↓

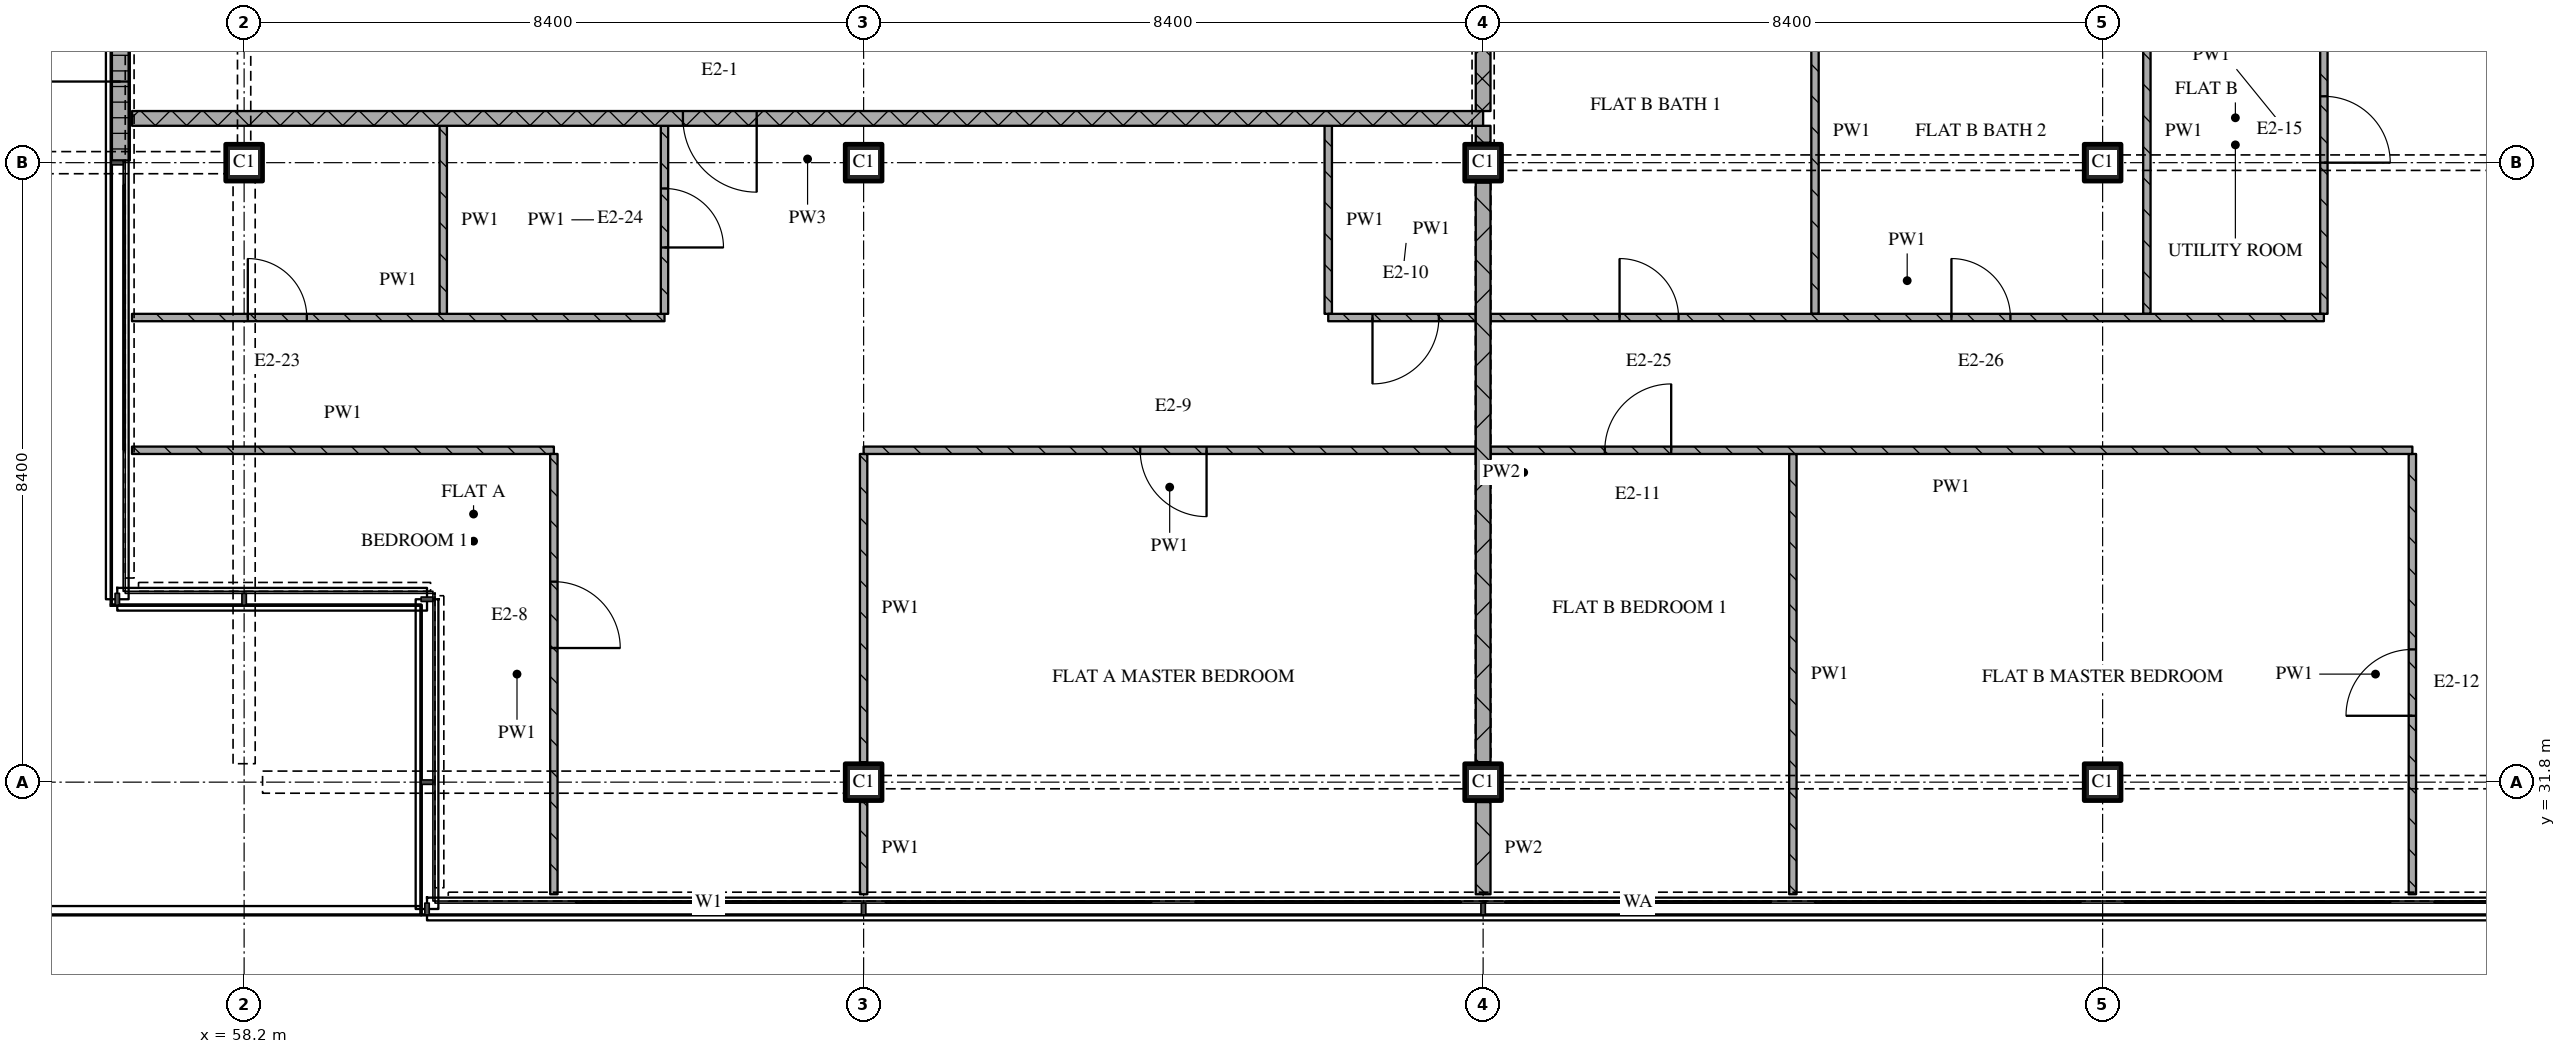
"""IFC4 building model, lengths in metres.
Left out: names, types, materials, properties, quantities, classifications, styles, units other than length and angle.
Written with IfcOpenShell. Run it as: python <this file> out.ifc"""

import sys

from ifc_helpers import new_model, si_unit, direction, frame, frame_2d, origin, origin_2d, place, context, subcontext, project, spatial, rectangle, extrude, element, fill, save


model = new_model("IFC4")
c1 = context("Model", 3, precision=1e-05, world=origin(), true_north=direction((0.0, 1.0)))
c2 = subcontext(c1, "Body", "Model", "MODEL_VIEW")
j1 = project(units=[si_unit("LENGTHUNIT", "METRE"), si_unit("PLANEANGLEUNIT", "RADIAN")], contexts=[c1])
p1 = place(None, origin())
s1 = spatial("IfcSite", under=j1, at=p1, CompositionType="ELEMENT")
p2 = place(p1, origin())
s2 = spatial("IfcBuilding", under=s1, at=p2, CompositionType="ELEMENT")
p3 = place(p2, frame((0.0, 0.0, 270.75)))
s3 = spatial("IfcBuildingStorey", under=s2, at=p3, CompositionType="ELEMENT", Elevation=270.75)
for number, where, z_axis, x_axis in (
    (1, (58.2, 40.2, 0.0), (0.0, 0.0, 1.0), (1.0, 0.0, 0.0)),
    (2, (66.6, 31.8, 0.0), (0.0, 0.0, 1.0), (1.0, 0.0, 0.0)),
    (3, (66.6, 40.2, 0.0), (0.0, 0.0, 1.0), (1.0, 0.0, 0.0)),
    (4, (75.0, 31.8, 0.0), (0.0, 0.0, 1.0), (1.0, 0.0, 0.0)),
    (5, (75.0, 40.2, 0.0), (0.0, 0.0, 1.0), (1.0, 0.0, 0.0)),
    (6, (83.4, 31.8, 0.0), (0.0, 0.0, 1.0), (1.0, 0.0, 0.0)),
    (7, (83.4, 40.2, 0.0), (0.0, 0.0, 1.0), (1.0, 0.0, 0.0)),
):
    element("IfcColumn", number, at=place(p3, frame(where, z_axis=z_axis, x_axis=x_axis)), inside=s3, PredefinedType="COLUMN", context=c2, shape_type="SweptSolid", body=[
        extrude(rectangle(XDim=0.5, YDim=0.5, at=origin_2d()), origin(), (0.0, 0.0, 1.0), 3.6),
    ])
p4 = place(p3, frame((56.525, 40.23, 0.0), z_axis=(0.0, 0.0, 1.0), x_axis=(0.0, 1.0, 0.0)))
e8 = element("IfcWall", 8, at=p4, inside=s3, PredefinedType="SOLIDWALL", context=c2, shape_type="SweptSolid", body=[
    extrude(rectangle(XDim=4.14, YDim=0.25, at=frame_2d((2.07, 0.0))), origin(), (0.0, 0.0, 1.0), 3.32),
])
p5 = place(p4, frame((1.07, 0.0, 0.0)))
e9 = element("IfcOpeningElement", 9, at=p5, cuts=e8, PredefinedType="OPENING", context=c2, shape_type="SweptSolid", body=[
    extrude(rectangle(XDim=2.0, YDim=2.4, at=frame_2d((1.0, 1.2))), frame((0.0, 0.135, 0.0), z_axis=(0.0, -1.0, 0.0), x_axis=(1.0, 0.0, 0.0)), (0.0, 0.0, 1.0), 0.27),
])
p6 = place(p3, frame((56.68, 36.3, 0.0), z_axis=(0.0, 0.0, 1.0), x_axis=(1.0, 0.0, 0.0)))
e10 = element("IfcWall", 10, at=p6, inside=s3, PredefinedType="PARTITIONING", context=c2, shape_type="SweptSolid", body=[
    extrude(rectangle(XDim=5.72, YDim=0.1, at=frame_2d((2.86, 0.0))), origin(), (0.0, 0.0, 1.0), 3.32),
])
p7 = place(p3, frame((56.68, 38.1, 0.0), z_axis=(0.0, 0.0, 1.0), x_axis=(1.0, 0.0, 0.0)))
e11 = element("IfcWall", 11, at=p7, inside=s3, PredefinedType="PARTITIONING", context=c2, shape_type="SweptSolid", body=[
    extrude(rectangle(XDim=7.22, YDim=0.1, at=frame_2d((3.61, 0.0))), origin(), (0.0, 0.0, 1.0), 3.32),
])
p8 = place(p7, frame((1.57, 0.0, 0.0)))
e12 = element("IfcOpeningElement", 12, at=p8, cuts=e11, PredefinedType="OPENING", context=c2, shape_type="SweptSolid", body=[
    extrude(rectangle(XDim=0.8, YDim=2.1, at=frame_2d((0.4, 1.05))), frame((0.0, 0.06, 0.0), z_axis=(0.0, -1.0, 0.0), x_axis=(1.0, 0.0, 0.0)), (0.0, 0.0, 1.0), 0.12),
])
p9 = place(p3, frame((75.0, 40.8, 0.0), z_axis=(0.0, 0.0, 1.0), x_axis=(-1.0, 0.0, 0.0)))
e13 = element("IfcWall", 13, at=p9, inside=s3, PredefinedType="PARTITIONING", context=c2, shape_type="SweptSolid", body=[
    extrude(rectangle(XDim=18.32, YDim=0.2, at=frame_2d((9.16, 0.0))), origin(), (0.0, 0.0, 1.0), 3.32),
])
p10 = place(p9, frame((9.85, 0.0, 0.0)))
e14 = element("IfcOpeningElement", 14, at=p10, cuts=e13, PredefinedType="OPENING", context=c2, shape_type="SweptSolid", body=[
    extrude(rectangle(XDim=1.0, YDim=2.1, at=frame_2d((0.5, 1.05))), frame((0.0, 0.11, 0.0), z_axis=(0.0, -1.0, 0.0), x_axis=(1.0, 0.0, 0.0)), (0.0, 0.0, 1.0), 0.22),
])
p11 = place(p3, frame((60.9, 40.7, 0.0), z_axis=(0.0, 0.0, 1.0), x_axis=(0.0, -1.0, 0.0)))
e15 = element("IfcWall", 15, at=p11, inside=s3, PredefinedType="PARTITIONING", context=c2, shape_type="SweptSolid", body=[
    extrude(rectangle(XDim=2.55, YDim=0.1, at=frame_2d((1.275, 0.0))), origin(), (0.0, 0.0, 1.0), 3.32),
])
p12 = place(p3, frame((62.4, 30.28, 0.0), z_axis=(0.0, 0.0, 1.0), x_axis=(0.0, 1.0, 0.0)))
e16 = element("IfcWall", 16, at=p12, inside=s3, PredefinedType="PARTITIONING", context=c2, shape_type="SweptSolid", body=[
    extrude(rectangle(XDim=5.97, YDim=0.1, at=frame_2d((2.985, 0.0))), origin(), (0.0, 0.0, 1.0), 3.32),
])
p13 = place(p12, frame((3.339, 0.0, 0.0)))
e17 = element("IfcOpeningElement", 17, at=p13, cuts=e16, PredefinedType="OPENING", context=c2, shape_type="SweptSolid", body=[
    extrude(rectangle(XDim=0.9, YDim=2.1, at=frame_2d((0.45, 1.05))), frame((0.0, 0.06, 0.0), z_axis=(0.0, -1.0, 0.0), x_axis=(1.0, 0.0, 0.0)), (0.0, 0.0, 1.0), 0.12),
])
p14 = place(p3, frame((63.9, 38.15, 0.0), z_axis=(0.0, 0.0, 1.0), x_axis=(0.0, 1.0, 0.0)))
e18 = element("IfcWall", 18, at=p14, inside=s3, PredefinedType="PARTITIONING", context=c2, shape_type="SweptSolid", body=[
    extrude(rectangle(XDim=2.55, YDim=0.1, at=frame_2d((1.275, 0.0))), origin(), (0.0, 0.0, 1.0), 3.32),
])
p15 = place(p14, frame((0.9, 0.0, 0.0)))
e19 = element("IfcOpeningElement", 19, at=p15, cuts=e18, PredefinedType="OPENING", context=c2, shape_type="SweptSolid", body=[
    extrude(rectangle(XDim=0.8, YDim=2.1, at=frame_2d((0.4, 1.05))), frame((0.0, 0.06, 0.0), z_axis=(0.0, -1.0, 0.0), x_axis=(1.0, 0.0, 0.0)), (0.0, 0.0, 1.0), 0.12),
])
p16 = place(p3, frame((66.6, 31.53, 0.0), z_axis=(0.0, 0.0, 1.0), x_axis=(0.0, -1.0, 0.0)))
e20 = element("IfcWall", 20, at=p16, inside=s3, PredefinedType="PARTITIONING", context=c2, shape_type="SweptSolid", body=[
    extrude(rectangle(XDim=1.25, YDim=0.1, at=frame_2d((0.625, 0.0))), origin(), (0.0, 0.0, 1.0), 3.32),
])
p17 = place(p3, frame((66.6, 36.25, 0.0), z_axis=(0.0, 0.0, 1.0), x_axis=(0.0, -1.0, 0.0)))
e21 = element("IfcWall", 21, at=p17, inside=s3, PredefinedType="PARTITIONING", context=c2, shape_type="SweptSolid", body=[
    extrude(rectangle(XDim=4.18, YDim=0.1, at=frame_2d((2.09, 0.0))), origin(), (0.0, 0.0, 1.0), 3.32),
])
p18 = place(p3, frame((72.9, 40.7, 0.0), z_axis=(0.0, 0.0, 1.0), x_axis=(0.0, -1.0, 0.0)))
e22 = element("IfcWall", 22, at=p18, inside=s3, PredefinedType="PARTITIONING", context=c2, shape_type="SweptSolid", body=[
    extrude(rectangle(XDim=2.55, YDim=0.1, at=frame_2d((1.275, 0.0))), origin(), (0.0, 0.0, 1.0), 3.32),
])
p19 = place(p3, frame((75.0, 43.1, 0.0), z_axis=(0.0, 0.0, 1.0), x_axis=(0.0, -1.0, 0.0)))
e23 = element("IfcWall", 23, at=p19, inside=s3, PredefinedType="PARTITIONING", context=c2, shape_type="SweptSolid", body=[
    extrude(rectangle(XDim=2.2, YDim=0.2, at=frame_2d((1.1, 0.0))), origin(), (0.0, 0.0, 1.0), 2.53),
])
p20 = place(p3, frame((75.0, 31.53, 0.0), z_axis=(0.0, 0.0, 1.0), x_axis=(0.0, -1.0, 0.0)))
e24 = element("IfcWall", 24, at=p20, inside=s3, PredefinedType="PARTITIONING", context=c2, shape_type="SweptSolid", body=[
    extrude(rectangle(XDim=1.25, YDim=0.2, at=frame_2d((0.625, 0.0))), origin(), (0.0, 0.0, 1.0), 3.32),
])
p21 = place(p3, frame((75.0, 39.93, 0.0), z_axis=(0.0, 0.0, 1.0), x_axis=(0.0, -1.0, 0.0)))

↑

Your instructions → Look through the material above for "under" and copy the lines that have it.

Result →
s1 = spatial("IfcSite", under=j1, at=p1, CompositionType="ELEMENT")
s2 = spatial("IfcBuilding", under=s1, at=p2, CompositionType="ELEMENT")
s3 = spatial("IfcBuildingStorey", under=s2, at=p3, CompositionType="ELEMENT", Elevation=270.75)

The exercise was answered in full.